- **What you need to do**:
Below are records; work out how many of their lines contain "where" and give only that number.

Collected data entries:
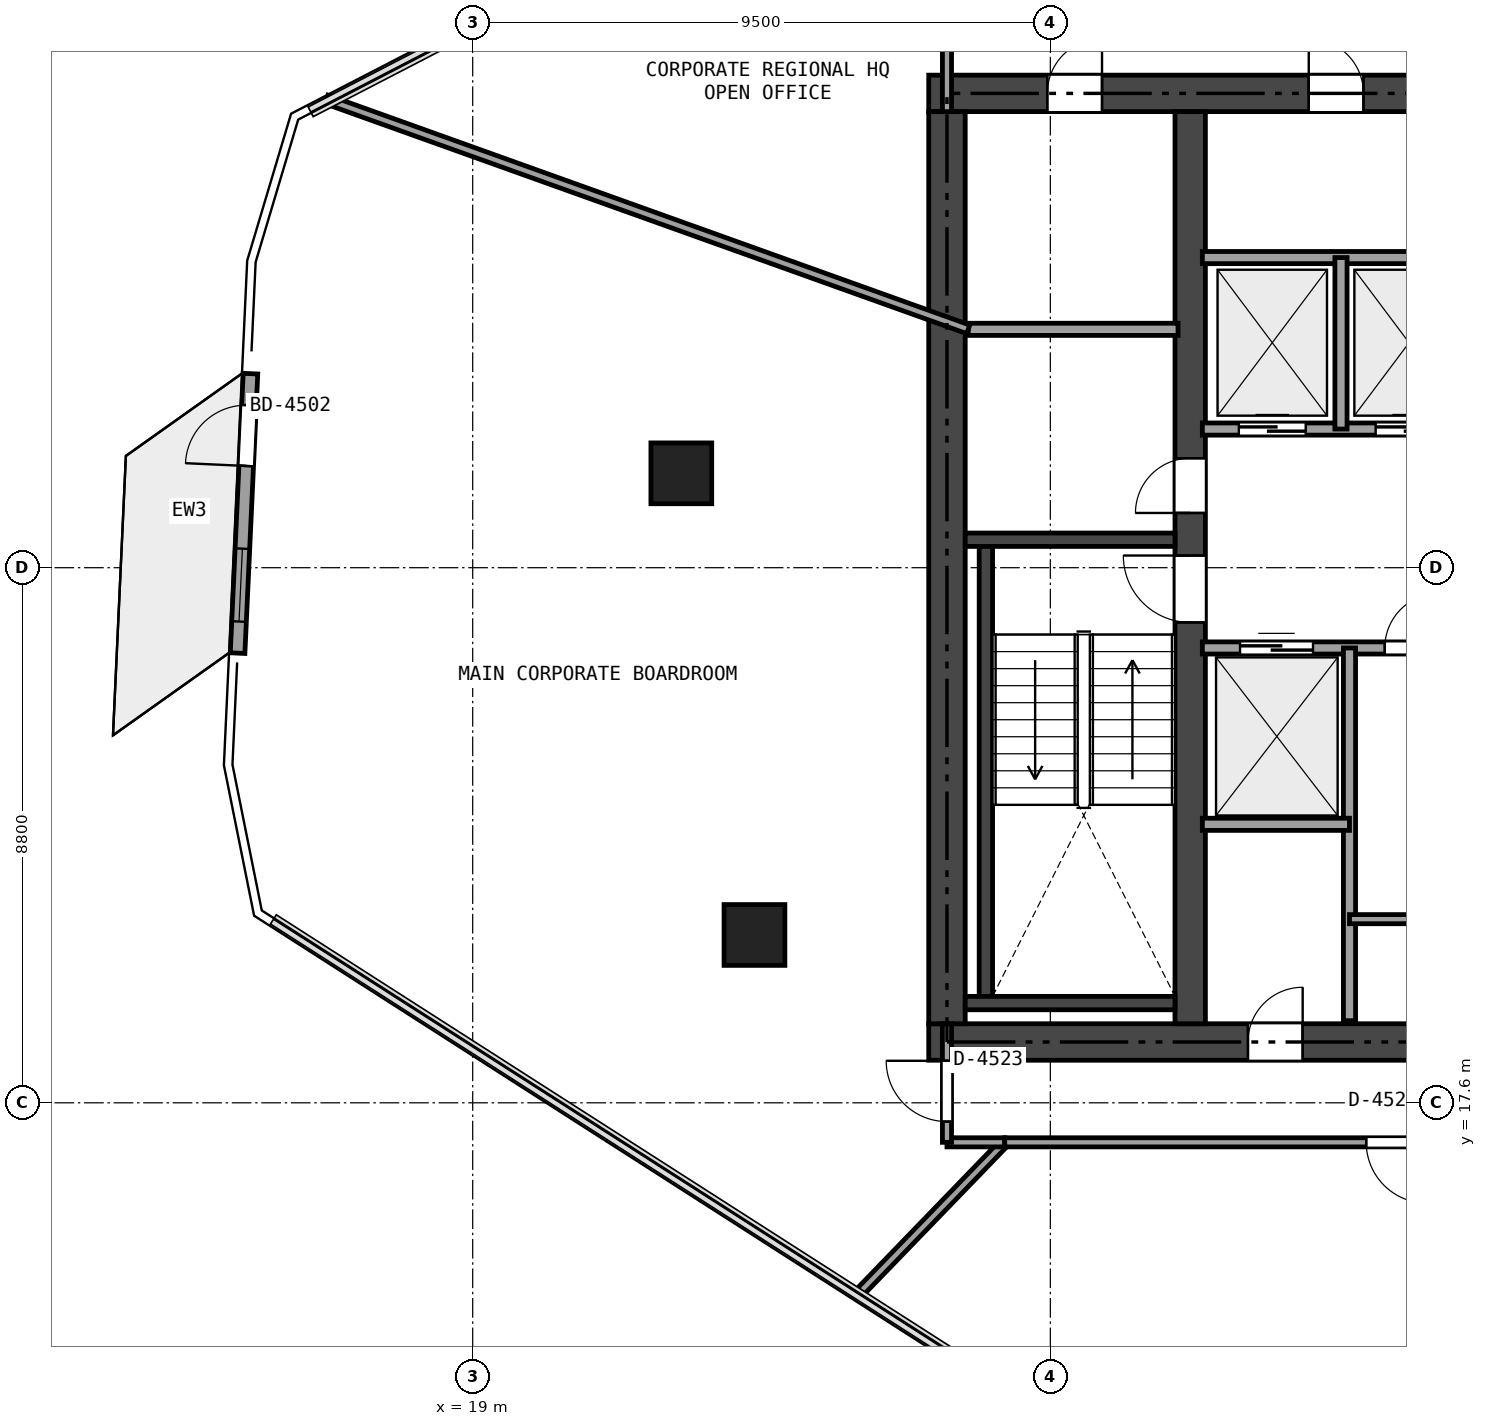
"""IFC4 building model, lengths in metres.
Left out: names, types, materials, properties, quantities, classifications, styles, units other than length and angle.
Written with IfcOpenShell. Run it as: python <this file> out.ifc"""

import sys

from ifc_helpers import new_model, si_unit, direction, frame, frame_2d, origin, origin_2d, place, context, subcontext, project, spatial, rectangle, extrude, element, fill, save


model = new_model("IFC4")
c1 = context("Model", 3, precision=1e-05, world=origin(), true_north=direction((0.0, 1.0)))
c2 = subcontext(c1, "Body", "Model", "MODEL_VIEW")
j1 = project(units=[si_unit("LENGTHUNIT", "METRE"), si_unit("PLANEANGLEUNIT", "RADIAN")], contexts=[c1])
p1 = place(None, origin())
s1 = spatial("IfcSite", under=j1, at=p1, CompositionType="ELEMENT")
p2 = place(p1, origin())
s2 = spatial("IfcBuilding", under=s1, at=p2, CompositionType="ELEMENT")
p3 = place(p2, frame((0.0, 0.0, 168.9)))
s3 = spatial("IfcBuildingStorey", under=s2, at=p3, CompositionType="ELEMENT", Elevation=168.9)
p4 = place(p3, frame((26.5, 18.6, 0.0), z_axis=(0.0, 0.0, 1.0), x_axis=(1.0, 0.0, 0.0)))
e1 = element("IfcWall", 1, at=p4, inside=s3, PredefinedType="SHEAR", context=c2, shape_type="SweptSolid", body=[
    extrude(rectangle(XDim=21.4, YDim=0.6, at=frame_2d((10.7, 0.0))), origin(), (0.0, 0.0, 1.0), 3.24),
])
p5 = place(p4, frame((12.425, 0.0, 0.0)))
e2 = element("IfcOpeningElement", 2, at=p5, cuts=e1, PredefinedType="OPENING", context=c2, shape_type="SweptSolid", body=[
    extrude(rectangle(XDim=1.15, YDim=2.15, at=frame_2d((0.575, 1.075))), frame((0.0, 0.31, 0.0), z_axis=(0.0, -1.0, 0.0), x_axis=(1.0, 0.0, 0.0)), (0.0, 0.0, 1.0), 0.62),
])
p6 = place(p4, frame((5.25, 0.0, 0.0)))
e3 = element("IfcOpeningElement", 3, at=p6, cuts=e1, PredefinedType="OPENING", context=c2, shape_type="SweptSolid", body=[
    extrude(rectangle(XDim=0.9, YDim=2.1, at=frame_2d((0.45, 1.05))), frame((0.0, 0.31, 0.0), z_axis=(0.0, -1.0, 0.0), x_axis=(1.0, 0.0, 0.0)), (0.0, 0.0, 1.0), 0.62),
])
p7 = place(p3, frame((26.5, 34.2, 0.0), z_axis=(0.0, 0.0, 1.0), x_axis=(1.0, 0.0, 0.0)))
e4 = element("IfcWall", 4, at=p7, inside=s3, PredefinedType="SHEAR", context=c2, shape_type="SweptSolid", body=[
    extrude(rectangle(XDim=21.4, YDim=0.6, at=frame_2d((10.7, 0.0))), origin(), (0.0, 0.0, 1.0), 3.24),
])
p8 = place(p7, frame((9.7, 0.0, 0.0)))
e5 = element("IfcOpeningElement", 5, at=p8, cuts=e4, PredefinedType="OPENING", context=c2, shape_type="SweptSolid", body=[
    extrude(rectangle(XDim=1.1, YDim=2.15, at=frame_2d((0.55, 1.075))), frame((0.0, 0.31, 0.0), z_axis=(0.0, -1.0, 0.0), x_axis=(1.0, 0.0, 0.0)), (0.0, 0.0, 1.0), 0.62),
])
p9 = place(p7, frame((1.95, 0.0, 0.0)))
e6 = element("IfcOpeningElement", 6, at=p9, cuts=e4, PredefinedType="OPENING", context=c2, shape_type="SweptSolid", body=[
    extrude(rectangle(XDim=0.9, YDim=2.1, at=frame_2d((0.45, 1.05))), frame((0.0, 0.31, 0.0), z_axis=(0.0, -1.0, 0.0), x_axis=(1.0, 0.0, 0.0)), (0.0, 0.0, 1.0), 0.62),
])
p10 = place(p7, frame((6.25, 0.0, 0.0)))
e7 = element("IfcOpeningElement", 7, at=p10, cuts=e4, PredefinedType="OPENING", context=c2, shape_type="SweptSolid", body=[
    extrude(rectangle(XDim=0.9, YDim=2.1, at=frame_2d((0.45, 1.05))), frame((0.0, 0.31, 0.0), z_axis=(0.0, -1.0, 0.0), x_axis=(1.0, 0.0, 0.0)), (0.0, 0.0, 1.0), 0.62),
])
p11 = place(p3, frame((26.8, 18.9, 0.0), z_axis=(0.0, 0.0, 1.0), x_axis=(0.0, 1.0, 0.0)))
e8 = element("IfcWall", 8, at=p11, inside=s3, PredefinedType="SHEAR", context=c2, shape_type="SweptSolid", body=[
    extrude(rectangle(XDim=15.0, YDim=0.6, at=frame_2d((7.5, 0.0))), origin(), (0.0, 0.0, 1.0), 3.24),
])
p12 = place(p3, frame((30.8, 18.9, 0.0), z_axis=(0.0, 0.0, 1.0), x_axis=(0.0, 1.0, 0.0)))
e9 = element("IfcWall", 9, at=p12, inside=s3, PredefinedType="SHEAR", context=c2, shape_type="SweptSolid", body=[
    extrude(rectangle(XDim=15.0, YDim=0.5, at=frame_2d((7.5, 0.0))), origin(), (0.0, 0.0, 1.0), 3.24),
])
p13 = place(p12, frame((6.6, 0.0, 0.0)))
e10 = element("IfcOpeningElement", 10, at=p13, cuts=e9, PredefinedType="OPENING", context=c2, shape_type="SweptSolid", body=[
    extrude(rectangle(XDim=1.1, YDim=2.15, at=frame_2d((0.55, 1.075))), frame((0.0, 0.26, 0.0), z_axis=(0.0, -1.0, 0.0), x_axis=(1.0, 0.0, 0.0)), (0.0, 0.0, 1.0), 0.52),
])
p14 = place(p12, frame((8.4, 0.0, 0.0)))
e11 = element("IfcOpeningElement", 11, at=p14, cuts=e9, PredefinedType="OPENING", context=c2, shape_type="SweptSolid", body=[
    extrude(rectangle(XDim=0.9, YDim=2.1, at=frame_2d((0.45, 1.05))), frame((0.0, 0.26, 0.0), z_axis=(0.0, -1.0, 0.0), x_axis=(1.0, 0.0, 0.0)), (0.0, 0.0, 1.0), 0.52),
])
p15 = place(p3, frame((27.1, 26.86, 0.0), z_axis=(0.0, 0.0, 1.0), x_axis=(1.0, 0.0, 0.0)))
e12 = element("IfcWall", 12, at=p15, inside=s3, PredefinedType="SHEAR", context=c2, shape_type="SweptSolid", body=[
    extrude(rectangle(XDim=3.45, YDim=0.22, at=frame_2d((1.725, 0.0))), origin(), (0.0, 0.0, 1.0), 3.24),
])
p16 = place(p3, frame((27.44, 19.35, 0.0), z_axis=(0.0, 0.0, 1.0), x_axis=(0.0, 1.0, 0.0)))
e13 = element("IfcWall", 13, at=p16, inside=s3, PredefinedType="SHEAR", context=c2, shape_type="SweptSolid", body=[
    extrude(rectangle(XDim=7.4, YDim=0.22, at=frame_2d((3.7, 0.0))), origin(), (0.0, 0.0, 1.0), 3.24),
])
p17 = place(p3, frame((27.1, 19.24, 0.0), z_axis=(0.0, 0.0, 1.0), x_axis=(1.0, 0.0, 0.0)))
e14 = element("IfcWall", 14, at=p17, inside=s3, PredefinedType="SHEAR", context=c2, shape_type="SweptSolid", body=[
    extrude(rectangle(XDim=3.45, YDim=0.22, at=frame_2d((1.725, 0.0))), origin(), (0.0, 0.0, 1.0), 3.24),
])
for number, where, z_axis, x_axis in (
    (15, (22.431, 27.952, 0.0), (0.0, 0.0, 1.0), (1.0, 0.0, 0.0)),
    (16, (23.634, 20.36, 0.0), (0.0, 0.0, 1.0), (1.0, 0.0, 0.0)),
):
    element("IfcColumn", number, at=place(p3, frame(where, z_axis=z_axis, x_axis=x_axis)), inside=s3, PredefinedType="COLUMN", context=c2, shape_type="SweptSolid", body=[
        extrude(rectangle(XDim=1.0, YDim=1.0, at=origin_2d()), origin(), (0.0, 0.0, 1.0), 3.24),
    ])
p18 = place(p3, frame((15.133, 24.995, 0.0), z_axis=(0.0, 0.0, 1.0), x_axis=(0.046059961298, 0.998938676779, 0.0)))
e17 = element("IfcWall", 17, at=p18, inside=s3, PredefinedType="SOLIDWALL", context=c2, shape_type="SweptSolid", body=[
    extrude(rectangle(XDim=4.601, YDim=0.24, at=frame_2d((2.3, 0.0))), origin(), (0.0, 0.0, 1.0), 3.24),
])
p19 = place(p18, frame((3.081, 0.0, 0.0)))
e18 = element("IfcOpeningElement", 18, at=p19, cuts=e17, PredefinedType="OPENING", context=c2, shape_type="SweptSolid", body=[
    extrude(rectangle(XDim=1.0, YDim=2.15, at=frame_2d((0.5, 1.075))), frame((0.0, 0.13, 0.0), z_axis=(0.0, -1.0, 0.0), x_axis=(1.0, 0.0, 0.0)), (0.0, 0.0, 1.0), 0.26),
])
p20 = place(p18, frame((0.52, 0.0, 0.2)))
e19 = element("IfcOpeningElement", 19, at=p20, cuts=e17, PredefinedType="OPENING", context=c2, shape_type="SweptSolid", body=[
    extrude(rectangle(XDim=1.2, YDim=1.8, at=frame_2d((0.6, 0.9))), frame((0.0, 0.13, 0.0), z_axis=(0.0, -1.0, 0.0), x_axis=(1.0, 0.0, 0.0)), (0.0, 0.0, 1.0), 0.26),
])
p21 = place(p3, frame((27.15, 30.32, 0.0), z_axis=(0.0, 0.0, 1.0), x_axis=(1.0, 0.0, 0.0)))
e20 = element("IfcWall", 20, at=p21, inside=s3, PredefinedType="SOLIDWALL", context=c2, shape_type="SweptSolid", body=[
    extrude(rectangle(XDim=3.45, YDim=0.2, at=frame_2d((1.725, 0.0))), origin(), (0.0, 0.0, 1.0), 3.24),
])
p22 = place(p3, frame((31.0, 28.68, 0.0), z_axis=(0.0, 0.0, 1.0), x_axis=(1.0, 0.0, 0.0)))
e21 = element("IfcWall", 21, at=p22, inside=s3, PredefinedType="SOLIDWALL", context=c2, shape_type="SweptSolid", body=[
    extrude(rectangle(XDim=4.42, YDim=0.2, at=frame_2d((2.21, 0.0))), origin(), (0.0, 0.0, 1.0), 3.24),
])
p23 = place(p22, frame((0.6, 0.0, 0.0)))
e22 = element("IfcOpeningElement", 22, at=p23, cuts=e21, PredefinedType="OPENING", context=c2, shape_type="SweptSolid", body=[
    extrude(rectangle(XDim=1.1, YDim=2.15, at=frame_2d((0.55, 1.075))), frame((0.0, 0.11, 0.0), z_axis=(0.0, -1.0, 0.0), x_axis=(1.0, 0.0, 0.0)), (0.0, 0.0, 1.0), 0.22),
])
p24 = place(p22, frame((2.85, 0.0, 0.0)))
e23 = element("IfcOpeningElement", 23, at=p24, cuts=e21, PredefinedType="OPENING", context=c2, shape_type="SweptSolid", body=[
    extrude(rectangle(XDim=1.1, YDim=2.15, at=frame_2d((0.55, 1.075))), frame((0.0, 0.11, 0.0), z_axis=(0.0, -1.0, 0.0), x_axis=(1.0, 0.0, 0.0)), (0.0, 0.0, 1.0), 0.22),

- **Exercise result**:
2